• **Activity**
Pull every line containing the word "outline" from the records.
──────
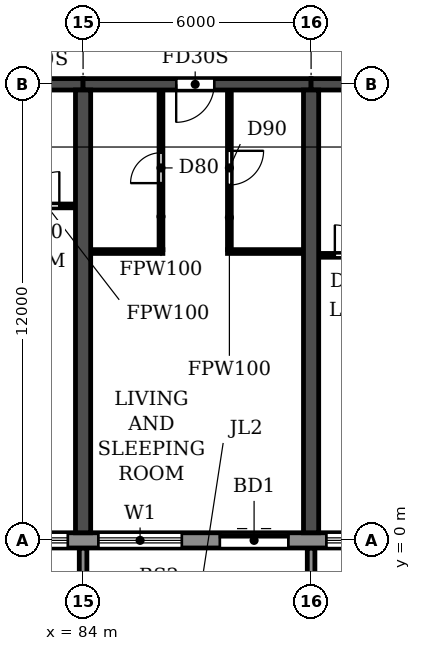
"""IFC4 building model, lengths in metres.
Left out: names, types, materials, properties, quantities, classifications, styles, units other than length and angle.
Written with IfcOpenShell. Run it as: python <this file> out.ifc"""

import sys

from ifc_helpers import new_model, si_unit, direction, frame, frame_2d, origin, place, context, subcontext, project, spatial, polyline, rectangle, outline, extrude, source, transform, mapped, element, fill, save


model = new_model("IFC4")
c1 = context("Model", 3, precision=1e-05, world=origin(), true_north=direction((0.0, 1.0)))
c2 = subcontext(c1, "Body", "Model", "MODEL_VIEW")
j1 = project(units=[si_unit("LENGTHUNIT", "METRE"), si_unit("PLANEANGLEUNIT", "RADIAN")], contexts=[c1])
p1 = place(None, origin())
s1 = spatial("IfcSite", under=j1, at=p1, CompositionType="ELEMENT")
p2 = place(p1, origin())
s2 = spatial("IfcBuilding", under=s1, at=p2, CompositionType="ELEMENT")
p3 = place(p2, frame((0.0, 0.0, 49.8)))
s3 = spatial("IfcBuildingStorey", under=s2, at=p3, CompositionType="ELEMENT", Elevation=49.8)
for number, where, z_axis, x_axis in (
    (1, (84.0, 0.2, 0.0), (0.0, 0.0, 1.0), (0.0, 1.0, 0.0)),
    (2, (90.0, 0.2, 0.0), (0.0, 0.0, 1.0), (0.0, 1.0, 0.0)),
):
    element("IfcWall", number, at=place(p3, frame(where, z_axis=z_axis, x_axis=x_axis)), inside=s3, PredefinedType="SHEAR", context=c2, shape_type="SweptSolid", body=[
        extrude(rectangle(XDim=11.65, YDim=0.4, at=frame_2d((5.825, 0.0))), origin(), (0.0, 0.0, 1.0), 3.0),
    ])
p4 = place(p3, frame((78.0, 12.0, 0.0), z_axis=(0.0, 0.0, 1.0), x_axis=(1.0, 0.0, 0.0)))
e3 = element("IfcWall", 3, at=p4, inside=s3, PredefinedType="SHEAR", context=c2, shape_type="SweptSolid", body=[
    extrude(rectangle(XDim=6.0, YDim=0.3, at=frame_2d((3.0, 0.0))), origin(), (0.0, 0.0, 1.0), 2.4),
])
p5 = place(p4, frame((2.45, 0.0, 0.0)))
e4 = element("IfcOpeningElement", 4, at=p5, cuts=e3, PredefinedType="OPENING", context=c2, shape_type="SweptSolid", body=[
    extrude(rectangle(XDim=1.0, YDim=2.1, at=frame_2d((0.5, 1.05))), frame((0.0, 0.16, 0.0), z_axis=(0.0, -1.0, 0.0), x_axis=(1.0, 0.0, 0.0)), (0.0, 0.0, 1.0), 0.32),
])
p6 = place(p3, frame((84.0, 12.0, 0.0), z_axis=(0.0, 0.0, 1.0), x_axis=(1.0, 0.0, 0.0)))
e5 = element("IfcWall", 5, at=p6, inside=s3, PredefinedType="SHEAR", context=c2, shape_type="SweptSolid", body=[
    extrude(rectangle(XDim=6.0, YDim=0.3, at=frame_2d((3.0, 0.0))), origin(), (0.0, 0.0, 1.0), 2.4),
])
p7 = place(p6, frame((2.45, 0.0, 0.0)))
e6 = element("IfcOpeningElement", 6, at=p7, cuts=e5, PredefinedType="OPENING", context=c2, shape_type="SweptSolid", body=[
    extrude(rectangle(XDim=1.0, YDim=2.1, at=frame_2d((0.5, 1.05))), frame((0.0, 0.16, 0.0), z_axis=(0.0, -1.0, 0.0), x_axis=(1.0, 0.0, 0.0)), (0.0, 0.0, 1.0), 0.32),
])
p8 = place(p3, frame((90.0, 12.0, 0.0), z_axis=(0.0, 0.0, 1.0), x_axis=(1.0, 0.0, 0.0)))
e7 = element("IfcWall", 7, at=p8, inside=s3, PredefinedType="SHEAR", context=c2, shape_type="SweptSolid", body=[
    extrude(rectangle(XDim=6.0, YDim=0.3, at=frame_2d((3.0, 0.0))), origin(), (0.0, 0.0, 1.0), 2.4),
])
p9 = place(p8, frame((2.45, 0.0, 0.0)))
e8 = element("IfcOpeningElement", 8, at=p9, cuts=e7, PredefinedType="OPENING", context=c2, shape_type="SweptSolid", body=[
    extrude(rectangle(XDim=1.0, YDim=2.1, at=frame_2d((0.5, 1.05))), frame((0.0, 0.16, 0.0), z_axis=(0.0, -1.0, 0.0), x_axis=(1.0, 0.0, 0.0)), (0.0, 0.0, 1.0), 0.32),
])
p10 = place(p3, frame((4.683, 0.0, 0.0), z_axis=(0.0, 0.0, 1.0), x_axis=(1.0, 0.0, 0.0)))
e9 = element("IfcWall", 9, at=p10, inside=s3, PredefinedType="STANDARD", context=c2, shape_type="SweptSolid", body=[
    extrude(rectangle(XDim=92.634, YDim=0.4, at=frame_2d((46.317, 0.0))), origin(), (0.0, 0.0, 1.0), 3.0),
])
p11 = place(p10, frame((1.717, 0.0, 0.9)))
e10 = element("IfcOpeningElement", 10, at=p11, cuts=e9, PredefinedType="OPENING", context=c2, shape_type="SweptSolid", body=[
    extrude(rectangle(XDim=2.2, YDim=1.5, at=frame_2d((1.1, 0.75))), frame((0.0, 0.21, 0.0), z_axis=(0.0, -1.0, 0.0), x_axis=(1.0, 0.0, 0.0)), (0.0, 0.0, 1.0), 0.42),
])
p12 = place(p10, frame((4.717, 0.0, 0.9)))
e11 = element("IfcOpeningElement", 11, at=p12, cuts=e9, PredefinedType="OPENING", context=c2, shape_type="SweptSolid", body=[
    extrude(rectangle(XDim=2.2, YDim=1.5, at=frame_2d((1.1, 0.75))), frame((0.0, 0.21, 0.0), z_axis=(0.0, -1.0, 0.0), x_axis=(1.0, 0.0, 0.0)), (0.0, 0.0, 1.0), 0.42),
])
p13 = place(p10, frame((7.717, 0.0, 0.9)))
e12 = element("IfcOpeningElement", 12, at=p13, cuts=e9, PredefinedType="OPENING", context=c2, shape_type="SweptSolid", body=[
    extrude(rectangle(XDim=2.2, YDim=1.5, at=frame_2d((1.1, 0.75))), frame((0.0, 0.21, 0.0), z_axis=(0.0, -1.0, 0.0), x_axis=(1.0, 0.0, 0.0)), (0.0, 0.0, 1.0), 0.42),
])
p14 = place(p10, frame((10.917, 0.0, 0.0)))
e13 = element("IfcOpeningElement", 13, at=p14, cuts=e9, PredefinedType="OPENING", context=c2, shape_type="SweptSolid", body=[
    extrude(rectangle(XDim=1.8, YDim=2.4, at=frame_2d((0.9, 1.2))), frame((0.0, 0.21, 0.0), z_axis=(0.0, -1.0, 0.0), x_axis=(1.0, 0.0, 0.0)), (0.0, 0.0, 1.0), 0.42),
])
p15 = place(p10, frame((13.717, 0.0, 0.9)))
e14 = element("IfcOpeningElement", 14, at=p15, cuts=e9, PredefinedType="OPENING", context=c2, shape_type="SweptSolid", body=[
    extrude(rectangle(XDim=2.2, YDim=1.5, at=frame_2d((1.1, 0.75))), frame((0.0, 0.21, 0.0), z_axis=(0.0, -1.0, 0.0), x_axis=(1.0, 0.0, 0.0)), (0.0, 0.0, 1.0), 0.42),
])
p16 = place(p10, frame((16.717, 0.0, 0.9)))
e15 = element("IfcOpeningElement", 15, at=p16, cuts=e9, PredefinedType="OPENING", context=c2, shape_type="SweptSolid", body=[
    extrude(rectangle(XDim=2.2, YDim=1.5, at=frame_2d((1.1, 0.75))), frame((0.0, 0.21, 0.0), z_axis=(0.0, -1.0, 0.0), x_axis=(1.0, 0.0, 0.0)), (0.0, 0.0, 1.0), 0.42),
])
p17 = place(p10, frame((19.917, 0.0, 0.0)))
e16 = element("IfcOpeningElement", 16, at=p17, cuts=e9, PredefinedType="OPENING", context=c2, shape_type="SweptSolid", body=[
    extrude(rectangle(XDim=1.8, YDim=2.4, at=frame_2d((0.9, 1.2))), frame((0.0, 0.21, 0.0), z_axis=(0.0, -1.0, 0.0), x_axis=(1.0, 0.0, 0.0)), (0.0, 0.0, 1.0), 0.42),
])
p18 = place(p10, frame((22.717, 0.0, 0.9)))
e17 = element("IfcOpeningElement", 17, at=p18, cuts=e9, PredefinedType="OPENING", context=c2, shape_type="SweptSolid", body=[
    extrude(rectangle(XDim=2.2, YDim=1.5, at=frame_2d((1.1, 0.75))), frame((0.0, 0.21, 0.0), z_axis=(0.0, -1.0, 0.0), x_axis=(1.0, 0.0, 0.0)), (0.0, 0.0, 1.0), 0.42),
])
p19 = place(p10, frame((25.717, 0.0, 0.9)))
e18 = element("IfcOpeningElement", 18, at=p19, cuts=e9, PredefinedType="OPENING", context=c2, shape_type="SweptSolid", body=[
    extrude(rectangle(XDim=2.2, YDim=1.5, at=frame_2d((1.1, 0.75))), frame((0.0, 0.21, 0.0), z_axis=(0.0, -1.0, 0.0), x_axis=(1.0, 0.0, 0.0)), (0.0, 0.0, 1.0), 0.42),
])
p20 = place(p10, frame((28.717, 0.0, 0.9)))
e19 = element("IfcOpeningElement", 19, at=p20, cuts=e9, PredefinedType="OPENING", context=c2, shape_type="SweptSolid", body=[
    extrude(rectangle(XDim=2.2, YDim=1.5, at=frame_2d((1.1, 0.75))), frame((0.0, 0.21, 0.0), z_axis=(0.0, -1.0, 0.0), x_axis=(1.0, 0.0, 0.0)), (0.0, 0.0, 1.0), 0.42),
])
p21 = place(p10, frame((31.717, 0.0, 0.9)))
e20 = element("IfcOpeningElement", 20, at=p21, cuts=e9, PredefinedType="OPENING", context=c2, shape_type="SweptSolid", body=[
    extrude(rectangle(XDim=2.2, YDim=1.5, at=frame_2d((1.1, 0.75))), frame((0.0, 0.21, 0.0), z_axis=(0.0, -1.0, 0.0), x_axis=(1.0, 0.0, 0.0)), (0.0, 0.0, 1.0), 0.42),
])
p22 = place(p10, frame((34.917, 0.0, 0.0)))
e21 = element("IfcOpeningElement", 21, at=p22, cuts=e9, PredefinedType="OPENING", context=c2, shape_type="SweptSolid", body=[
    extrude(rectangle(XDim=1.8, YDim=2.4, at=frame_2d((0.9, 1.2))), frame((0.0, 0.21, 0.0), z_axis=(0.0, -1.0, 0.0), x_axis=(1.0, 0.0, 0.0)), (0.0, 0.0, 1.0), 0.42),
])
p23 = place(p10, frame((37.717, 0.0, 0.9)))
e22 = element("IfcOpeningElement", 22, at=p23, cuts=e9, PredefinedType="OPENING", context=c2, shape_type="SweptSolid", body=[
    extrude(rectangle(XDim=2.2, YDim=1.5, at=frame_2d((1.1, 0.75))), frame((0.0, 0.21, 0.0), z_axis=(0.0, -1.0, 0.0), x_axis=(1.0, 0.0, 0.0)), (0.0, 0.0, 1.0), 0.42),
])
p24 = place(p10, frame((40.717, 0.0, 0.9)))
e23 = element("IfcOpeningElement", 23, at=p24, cuts=e9, PredefinedType="OPENING", context=c2, shape_type="SweptSolid", body=[
    extrude(rectangle(XDim=2.2, YDim=1.5, at=frame_2d((1.1, 0.75))), frame((0.0, 0.21, 0.0), z_axis=(0.0, -1.0, 0.0), x_axis=(1.0, 0.0, 0.0)), (0.0, 0.0, 1.0), 0.42),
])
p25 = place(p10, frame((43.717, 0.0, 0.9)))
e24 = element("IfcOpeningElement", 24, at=p25, cuts=e9, PredefinedType="OPENING", context=c2, shape_type="SweptSolid", body=[
    extrude(rectangle(XDim=2.2, YDim=1.5, at=frame_2d((1.1, 0.75))), frame((0.0, 0.21, 0.0), z_axis=(0.0, -1.0, 0.0), x_axis=(1.0, 0.0, 0.0)), (0.0, 0.0, 1.0), 0.42),
])
p26 = place(p10, frame((46.917, 0.0, 0.0)))
e25 = element("IfcOpeningElement", 25, at=p26, cuts=e9, PredefinedType="OPENING", context=c2, shape_type="SweptSolid", body=[
    extrude(rectangle(XDim=1.8, YDim=2.4, at=frame_2d((0.9, 1.2))), frame((0.0, 0.21, 0.0), z_axis=(0.0, -1.0, 0.0), x_axis=(1.0, 0.0, 0.0)), (0.0, 0.0, 1.0), 0.42),
])
p27 = place(p10, frame((49.717, 0.0, 0.9)))
e26 = element("IfcOpeningElement", 26, at=p27, cuts=e9, PredefinedType="OPENING", context=c2, shape_type="SweptSolid", body=[
    extrude(rectangle(XDim=2.2, YDim=1.5, at=frame_2d((1.1, 0.75))), frame((0.0, 0.21, 0.0), z_axis=(0.0, -1.0, 0.0), x_axis=(1.0, 0.0, 0.0)), (0.0, 0.0, 1.0), 0.42),
])
p28 = place(p10, frame((52.717, 0.0, 0.9)))
e27 = element("IfcOpeningElement", 27, at=p28, cuts=e9, PredefinedType="OPENING", context=c2, shape_type="SweptSolid", body=[
    extrude(rectangle(XDim=2.2, YDim=1.5, at=frame_2d((1.1, 0.75))), frame((0.0, 0.21, 0.0), z_axis=(0.0, -1.0, 0.0), x_axis=(1.0, 0.0, 0.0)), (0.0, 0.0, 1.0), 0.42),
])
p29 = place(p10, frame((55.717, 0.0, 0.9)))
e28 = element("IfcOpeningElement", 28, at=p29, cuts=e9, PredefinedType="OPENING", context=c2, shape_type="SweptSolid", body=[
    extrude(rectangle(XDim=2.2, YDim=1.5, at=frame_2d((1.1, 0.75))), frame((0.0, 0.21, 0.0), z_axis=(0.0, -1.0, 0.0), x_axis=(1.0, 0.0, 0.0)), (0.0, 0.0, 1.0), 0.42),
])
p30 = place(p10, frame((58.917, 0.0, 0.0)))
e29 = element("IfcOpeningElement", 29, at=p30, cuts=e9, PredefinedType="OPENING", context=c2, shape_type="SweptSolid", body=[
    extrude(rectangle(XDim=1.8, YDim=2.4, at=frame_2d((0.9, 1.2))), frame((0.0, 0.21, 0.0), z_axis=(0.0, -1.0, 0.0), x_axis=(1.0, 0.0, 0.0)), (0.0, 0.0, 1.0), 0.42),
])
p31 = place(p10, frame((61.717, 0.0, 0.9)))
e30 = element("IfcOpeningElement", 30, at=p31, cuts=e9, PredefinedType="OPENING", context=c2, shape_type="SweptSolid", body=[
    extrude(rectangle(XDim=2.2, YDim=1.5, at=frame_2d((1.1, 0.75))), frame((0.0, 0.21, 0.0), z_axis=(0.0, -1.0, 0.0), x_axis=(1.0, 0.0, 0.0)), (0.0, 0.0, 1.0), 0.42),
])
p32 = place(p10, frame((64.717, 0.0, 0.9)))
e31 = element("IfcOpeningElement", 31, at=p32, cuts=e9, PredefinedType="OPENING", context=c2, shape_type="SweptSolid", body=[
    extrude(rectangle(XDim=2.2, YDim=1.5, at=frame_2d((1.1, 0.75))), frame((0.0, 0.21, 0.0), z_axis=(0.0, -1.0, 0.0), x_axis=(1.0, 0.0, 0.0)), (0.0, 0.0, 1.0), 0.42),
])
p33 = place(p10, frame((67.717, 0.0, 0.9)))
e32 = element("IfcOpeningElement", 32, at=p33, cuts=e9, PredefinedType="OPENING", context=c2, shape_type="SweptSolid", body=[
    extrude(rectangle(XDim=2.2, YDim=1.5, at=frame_2d((1.1, 0.75))), frame((0.0, 0.21, 0.0), z_axis=(0.0, -1.0, 0.0), x_axis=(1.0, 0.0, 0.0)), (0.0, 0.0, 1.0), 0.42),
])
p34 = place(p10, frame((70.917, 0.0, 0.0)))
e33 = element("IfcOpeningElement", 33, at=p34, cuts=e9, PredefinedType="OPENING", context=c2, shape_type="SweptSolid", body=[
    extrude(rectangle(XDim=1.8, YDim=2.4, at=frame_2d((0.9, 1.2))), frame((0.0, 0.21, 0.0), z_axis=(0.0, -1.0, 0.0), x_axis=(1.0, 0.0, 0.0)), (0.0, 0.0, 1.0), 0.42),
])
p35 = place(p10, frame((73.717, 0.0, 0.9)))
e34 = element("IfcOpeningElement", 34, at=p35, cuts=e9, PredefinedType="OPENING", context=c2, shape_type="SweptSolid", body=[
    extrude(rectangle(XDim=2.2, YDim=1.5, at=frame_2d((1.1, 0.75))), frame((0.0, 0.21, 0.0), z_axis=(0.0, -1.0, 0.0), x_axis=(1.0, 0.0, 0.0)), (0.0, 0.0, 1.0), 0.42),
])
p36 = place(p10, frame((76.717, 0.0, 0.9)))
e35 = element("IfcOpeningElement", 35, at=p36, cuts=e9, PredefinedType="OPENING", context=c2, shape_type="SweptSolid", body=[
    extrude(rectangle(XDim=2.2, YDim=1.5, at=frame_2d((1.1, 0.75))), frame((0.0, 0.21, 0.0), z_axis=(0.0, -1.0, 0.0), x_axis=(1.0, 0.0, 0.0)), (0.0, 0.0, 1.0), 0.42),
])
p37 = place(p10, frame((79.717, 0.0, 0.9)))
e36 = element("IfcOpeningElement", 36, at=p37, cuts=e9, PredefinedType="OPENING", context=c2, shape_type="SweptSolid", body=[
    extrude(rectangle(XDim=2.2, YDim=1.5, at=frame_2d((1.1, 0.75))), frame((0.0, 0.21, 0.0), z_axis=(0.0, -1.0, 0.0), x_axis=(1.0, 0.0, 0.0)), (0.0, 0.0, 1.0), 0.42),
])
p38 = place(p10, frame((82.917, 0.0, 0.0)))
e37 = element("IfcOpeningElement", 37, at=p38, cuts=e9, PredefinedType="OPENING", context=c2, shape_type="SweptSolid", body=[
    extrude(rectangle(XDim=1.8, YDim=2.4, at=frame_2d((0.9, 1.2))), frame((0.0, 0.21, 0.0), z_axis=(0.0, -1.0, 0.0), x_axis=(1.0, 0.0, 0.0)), (0.0, 0.0, 1.0), 0.42),
])
p39 = place(p10, frame((85.717, 0.0, 0.9)))
e38 = element("IfcOpeningElement", 38, at=p39, cuts=e9, PredefinedType="OPENING", context=c2, shape_type="SweptSolid", body=[
    extrude(rectangle(XDim=2.2, YDim=1.5, at=frame_2d((1.1, 0.75))), frame((0.0, 0.21, 0.0), z_axis=(0.0, -1.0, 0.0), x_axis=(1.0, 0.0, 0.0)), (0.0, 0.0, 1.0), 0.42),
])
p40 = place(p10, frame((88.717, 0.0, 0.9)))
e39 = element("IfcOpeningElement", 39, at=p40, cuts=e9, PredefinedType="OPENING", context=c2, shape_type="SweptSolid", body=[
    extrude(rectangle(XDim=2.2, YDim=1.5, at=frame_2d((1.1, 0.75))), frame((0.0, 0.21, 0.0), z_axis=(0.0, -1.0, 0.0), x_axis=(1.0, 0.0, 0.0)), (0.0, 0.0, 1.0), 0.42),
])
m1 = source(origin(), c2, "Body", "SweptSolid", [
    extrude(outline(polyline([(0.0, 0.0), (0.2, 0.0), (0.2, 1.65), (0.0, 1.65), (0.0, 0.0)])), origin(), (0.0, 0.0, 1.0), 3.1),
])
for number, where in (
    (40, (83.9, -1.85, 0.0)),
    (41, (89.9, -1.85, 0.0)),
):
    element("IfcWall", number, at=place(p3, frame(where)), inside=s3, PredefinedType="STANDARD", context=c2, shape_type="MappedRepresentation", body=[
        mapped(m1, transform((0.0, 0.0, 0.0))),
    ])
p41 = place(p3, frame((90.21, 7.5, 0.0), z_axis=(0.0, 0.0, 1.0), x_axis=(1.0, 0.0, 0.0)))
e42 = element("IfcWall", 42, at=p41, inside=s3, PredefinedType="PARTITIONING", context=c2, shape_type="SweptSolid", body=[
    extrude(rectangle(XDim=1.89, YDim=0.1, at=frame_2d((0.945, 0.0))), origin(), (0.0, 0.0, 1.0), 3.0),
])
p42 = place(p41, frame((0.415, 0.0, 0.0)))
e43 = element("IfcOpeningElement", 43, at=p42, cuts=e42, PredefinedType="OPENING", context=c2, shape_type="SweptSolid", body=[
    extrude(rectangle(XDim=0.8, YDim=2.1, at=frame_2d((0.4, 1.05))), frame((0.0, 0.06, 0.0), z_axis=(0.0, -1.0, 0.0), x_axis=(1.0, 0.0, 0.0)), (0.0, 0.0, 1.0), 0.12),
])
p43 = place(p3, frame((84.21, 7.6, 0.0), z_axis=(0.0, 0.0, 1.0), x_axis=(1.0, 0.0, 0.0)))
e44 = element("IfcWall", 44, at=p43, inside=s3, PredefinedType="PARTITIONING", context=c2, shape_type="SweptSolid", body=[
    extrude(rectangle(XDim=1.89, YDim=0.1, at=frame_2d((0.945, 0.0))), origin(), (0.0, 0.0, 1.0), 3.0),
])
p44 = place(p3, frame((87.8, 7.6, 0.0), z_axis=(0.0, 0.0, 1.0), x_axis=(1.0, 0.0, 0.0)))
e45 = element("IfcWall", 45, at=p44, inside=s3, PredefinedType="PARTITIONING", context=c2, shape_type="SweptSolid", body=[
    extrude(rectangle(XDim=1.99, YDim=0.1, at=frame_2d((0.995, 0.0))), origin(), (0.0, 0.0, 1.0), 3.0),
])
p45 = place(p3, frame((81.8, 8.8, 0.0), z_axis=(0.0, 0.0, 1.0), x_axis=(1.0, 0.0, 0.0)))
e46 = element("IfcWall", 46, at=p45, inside=s3, PredefinedType="PARTITIONING", context=c2, shape_type="SweptSolid", body=[
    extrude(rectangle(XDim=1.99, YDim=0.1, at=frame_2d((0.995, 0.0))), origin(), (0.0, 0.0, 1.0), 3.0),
──────
• **Response to the task**
from ifc_helpers import new_model, si_unit, direction, frame, frame_2d, origin, place, context, subcontext, project, spatial, polyline, rectangle, outline, extrude, source, transform, mapped, element, fill, save
    extrude(outline(polyline([(0.0, 0.0), (0.2, 0.0), (0.2, 1.65), (0.0, 1.65), (0.0, 0.0)])), origin(), (0.0, 0.0, 1.0), 3.1),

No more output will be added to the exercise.